Start of Records for this task
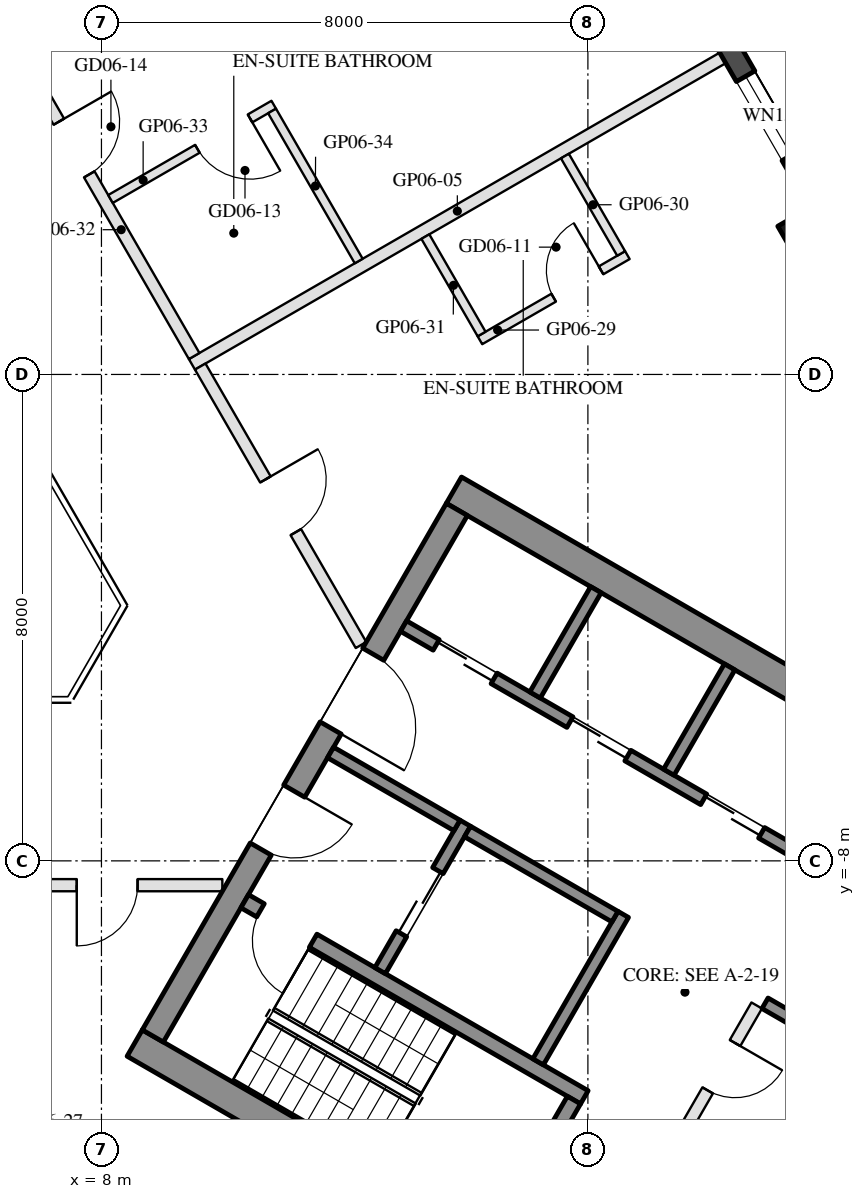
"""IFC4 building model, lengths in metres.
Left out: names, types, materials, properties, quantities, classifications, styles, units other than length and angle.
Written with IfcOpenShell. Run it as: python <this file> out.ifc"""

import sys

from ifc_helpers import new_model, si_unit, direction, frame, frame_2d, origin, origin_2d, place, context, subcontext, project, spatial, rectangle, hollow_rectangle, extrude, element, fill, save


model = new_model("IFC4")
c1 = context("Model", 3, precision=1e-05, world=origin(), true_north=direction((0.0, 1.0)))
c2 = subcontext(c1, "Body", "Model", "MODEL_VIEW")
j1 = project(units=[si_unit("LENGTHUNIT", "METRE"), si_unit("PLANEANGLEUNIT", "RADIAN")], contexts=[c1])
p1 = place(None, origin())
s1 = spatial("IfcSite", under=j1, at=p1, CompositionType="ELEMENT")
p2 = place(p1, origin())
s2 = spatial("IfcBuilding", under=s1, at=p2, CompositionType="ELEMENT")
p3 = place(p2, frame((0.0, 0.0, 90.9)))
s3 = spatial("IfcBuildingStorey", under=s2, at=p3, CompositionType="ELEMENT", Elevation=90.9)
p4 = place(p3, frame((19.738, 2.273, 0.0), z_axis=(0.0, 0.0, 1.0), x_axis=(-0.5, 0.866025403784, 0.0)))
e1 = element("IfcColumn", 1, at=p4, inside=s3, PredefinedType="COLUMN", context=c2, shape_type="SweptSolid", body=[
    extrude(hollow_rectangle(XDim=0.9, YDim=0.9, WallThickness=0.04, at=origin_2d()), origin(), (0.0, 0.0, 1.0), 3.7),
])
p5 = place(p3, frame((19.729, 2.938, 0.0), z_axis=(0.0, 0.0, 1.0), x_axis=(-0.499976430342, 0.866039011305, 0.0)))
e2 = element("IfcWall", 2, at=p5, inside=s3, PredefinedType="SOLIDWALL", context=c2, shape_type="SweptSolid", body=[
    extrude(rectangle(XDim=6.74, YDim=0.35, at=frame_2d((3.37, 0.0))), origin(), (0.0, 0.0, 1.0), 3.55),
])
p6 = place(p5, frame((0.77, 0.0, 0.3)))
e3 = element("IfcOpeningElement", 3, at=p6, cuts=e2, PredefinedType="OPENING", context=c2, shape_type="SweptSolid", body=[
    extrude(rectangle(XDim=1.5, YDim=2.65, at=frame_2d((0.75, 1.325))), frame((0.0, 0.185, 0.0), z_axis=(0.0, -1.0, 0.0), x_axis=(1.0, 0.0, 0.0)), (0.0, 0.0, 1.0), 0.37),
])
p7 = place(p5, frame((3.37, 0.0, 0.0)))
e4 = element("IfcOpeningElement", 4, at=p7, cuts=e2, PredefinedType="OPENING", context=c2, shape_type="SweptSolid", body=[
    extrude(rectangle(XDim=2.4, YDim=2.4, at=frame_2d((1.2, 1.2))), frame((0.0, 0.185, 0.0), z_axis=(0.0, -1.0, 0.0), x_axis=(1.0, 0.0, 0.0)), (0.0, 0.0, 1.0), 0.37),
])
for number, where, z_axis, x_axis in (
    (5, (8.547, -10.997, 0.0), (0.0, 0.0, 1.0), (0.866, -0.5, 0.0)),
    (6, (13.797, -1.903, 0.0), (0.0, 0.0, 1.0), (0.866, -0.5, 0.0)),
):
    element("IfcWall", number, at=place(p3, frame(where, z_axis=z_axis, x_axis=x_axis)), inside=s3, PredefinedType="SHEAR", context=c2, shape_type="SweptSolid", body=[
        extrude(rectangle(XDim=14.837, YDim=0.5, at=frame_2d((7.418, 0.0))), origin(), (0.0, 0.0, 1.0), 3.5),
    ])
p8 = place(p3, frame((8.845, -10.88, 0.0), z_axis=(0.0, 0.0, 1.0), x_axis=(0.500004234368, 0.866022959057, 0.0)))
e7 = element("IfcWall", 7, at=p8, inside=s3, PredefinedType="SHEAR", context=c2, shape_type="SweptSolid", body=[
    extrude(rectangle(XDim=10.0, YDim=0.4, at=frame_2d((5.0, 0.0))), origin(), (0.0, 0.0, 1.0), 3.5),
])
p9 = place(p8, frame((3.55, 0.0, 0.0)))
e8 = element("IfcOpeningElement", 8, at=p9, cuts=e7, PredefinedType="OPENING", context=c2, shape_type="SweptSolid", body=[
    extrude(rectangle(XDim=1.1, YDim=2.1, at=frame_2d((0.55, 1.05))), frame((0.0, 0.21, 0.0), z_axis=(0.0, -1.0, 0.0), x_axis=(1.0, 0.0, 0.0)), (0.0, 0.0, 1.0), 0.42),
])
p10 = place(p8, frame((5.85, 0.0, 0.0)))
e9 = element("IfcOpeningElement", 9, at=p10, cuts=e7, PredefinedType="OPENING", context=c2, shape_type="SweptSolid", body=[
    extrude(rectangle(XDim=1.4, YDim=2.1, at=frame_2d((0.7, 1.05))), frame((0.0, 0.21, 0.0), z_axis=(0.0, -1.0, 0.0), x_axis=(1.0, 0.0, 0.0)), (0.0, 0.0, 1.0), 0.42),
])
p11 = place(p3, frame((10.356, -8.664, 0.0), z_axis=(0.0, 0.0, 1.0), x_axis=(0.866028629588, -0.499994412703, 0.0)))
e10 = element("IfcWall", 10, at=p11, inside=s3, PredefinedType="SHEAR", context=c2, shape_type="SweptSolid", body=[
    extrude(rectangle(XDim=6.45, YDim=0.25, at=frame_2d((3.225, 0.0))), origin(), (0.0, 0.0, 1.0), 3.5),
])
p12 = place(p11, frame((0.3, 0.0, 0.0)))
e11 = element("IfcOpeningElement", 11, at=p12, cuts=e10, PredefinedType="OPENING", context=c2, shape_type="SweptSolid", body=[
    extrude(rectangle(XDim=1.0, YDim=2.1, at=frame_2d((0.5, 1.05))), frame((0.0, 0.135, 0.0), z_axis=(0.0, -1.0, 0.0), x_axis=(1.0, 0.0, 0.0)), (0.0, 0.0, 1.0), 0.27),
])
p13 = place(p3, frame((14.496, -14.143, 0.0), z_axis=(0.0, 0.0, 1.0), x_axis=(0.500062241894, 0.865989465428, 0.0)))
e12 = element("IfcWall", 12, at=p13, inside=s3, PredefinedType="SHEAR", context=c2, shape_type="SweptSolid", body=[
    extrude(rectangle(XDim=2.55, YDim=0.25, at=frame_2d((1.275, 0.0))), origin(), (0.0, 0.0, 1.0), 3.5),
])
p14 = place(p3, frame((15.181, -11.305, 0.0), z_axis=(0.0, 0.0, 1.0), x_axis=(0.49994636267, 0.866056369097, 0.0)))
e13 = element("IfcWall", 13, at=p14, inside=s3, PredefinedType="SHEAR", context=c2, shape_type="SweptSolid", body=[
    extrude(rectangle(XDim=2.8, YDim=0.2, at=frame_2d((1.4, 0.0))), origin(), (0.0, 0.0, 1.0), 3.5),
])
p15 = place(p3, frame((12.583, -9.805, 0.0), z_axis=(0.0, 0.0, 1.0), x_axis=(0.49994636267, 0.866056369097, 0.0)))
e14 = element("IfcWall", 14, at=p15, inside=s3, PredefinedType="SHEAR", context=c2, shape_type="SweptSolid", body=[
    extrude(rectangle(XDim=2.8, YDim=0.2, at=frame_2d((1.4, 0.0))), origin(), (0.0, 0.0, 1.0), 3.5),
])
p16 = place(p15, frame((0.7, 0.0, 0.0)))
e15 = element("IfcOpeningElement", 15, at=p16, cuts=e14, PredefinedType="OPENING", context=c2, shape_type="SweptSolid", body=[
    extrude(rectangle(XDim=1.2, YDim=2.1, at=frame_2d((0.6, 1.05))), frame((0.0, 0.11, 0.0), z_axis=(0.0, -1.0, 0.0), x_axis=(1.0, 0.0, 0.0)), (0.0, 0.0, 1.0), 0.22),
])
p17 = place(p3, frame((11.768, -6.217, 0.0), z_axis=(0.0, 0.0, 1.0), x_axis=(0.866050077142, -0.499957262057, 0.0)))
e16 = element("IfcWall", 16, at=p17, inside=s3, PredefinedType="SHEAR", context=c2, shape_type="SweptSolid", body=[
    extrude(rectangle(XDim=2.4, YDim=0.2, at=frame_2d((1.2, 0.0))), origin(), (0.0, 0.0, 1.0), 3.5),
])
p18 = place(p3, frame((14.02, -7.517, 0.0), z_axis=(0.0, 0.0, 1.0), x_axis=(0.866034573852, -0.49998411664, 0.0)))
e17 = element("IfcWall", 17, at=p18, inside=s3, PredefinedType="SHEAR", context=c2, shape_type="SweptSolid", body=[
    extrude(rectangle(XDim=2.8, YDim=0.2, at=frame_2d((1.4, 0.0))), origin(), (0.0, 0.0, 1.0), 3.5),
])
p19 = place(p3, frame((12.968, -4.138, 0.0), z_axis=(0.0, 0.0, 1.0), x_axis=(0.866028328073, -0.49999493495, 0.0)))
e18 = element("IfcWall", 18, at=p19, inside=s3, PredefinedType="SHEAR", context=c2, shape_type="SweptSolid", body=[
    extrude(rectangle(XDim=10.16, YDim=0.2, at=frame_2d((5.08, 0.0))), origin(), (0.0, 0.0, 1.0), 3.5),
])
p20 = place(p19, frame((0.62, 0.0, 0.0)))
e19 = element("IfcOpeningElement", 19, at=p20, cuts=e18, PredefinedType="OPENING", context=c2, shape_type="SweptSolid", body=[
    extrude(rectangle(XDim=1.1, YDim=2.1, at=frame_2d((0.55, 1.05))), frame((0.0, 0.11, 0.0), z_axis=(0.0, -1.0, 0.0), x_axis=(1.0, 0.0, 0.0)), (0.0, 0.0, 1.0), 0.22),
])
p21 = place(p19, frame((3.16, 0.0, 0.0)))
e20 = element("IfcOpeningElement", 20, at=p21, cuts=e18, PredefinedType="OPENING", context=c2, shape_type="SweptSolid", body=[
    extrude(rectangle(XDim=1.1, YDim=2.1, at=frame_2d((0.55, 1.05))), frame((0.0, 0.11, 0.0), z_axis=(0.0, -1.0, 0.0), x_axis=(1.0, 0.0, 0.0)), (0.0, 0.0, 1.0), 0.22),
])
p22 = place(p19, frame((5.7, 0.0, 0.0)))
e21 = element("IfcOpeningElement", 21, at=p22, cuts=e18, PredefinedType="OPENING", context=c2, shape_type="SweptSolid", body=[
End of Records for this task
#### Task to complete
Reproduce each line of the data containing the word "CompositionType".

#### Your response
s1 = spatial("IfcSite", under=j1, at=p1, CompositionType="ELEMENT")
s2 = spatial("IfcBuilding", under=s1, at=p2, CompositionType="ELEMENT")
s3 = spatial("IfcBuildingStorey", under=s2, at=p3, CompositionType="ELEMENT", Elevation=90.9)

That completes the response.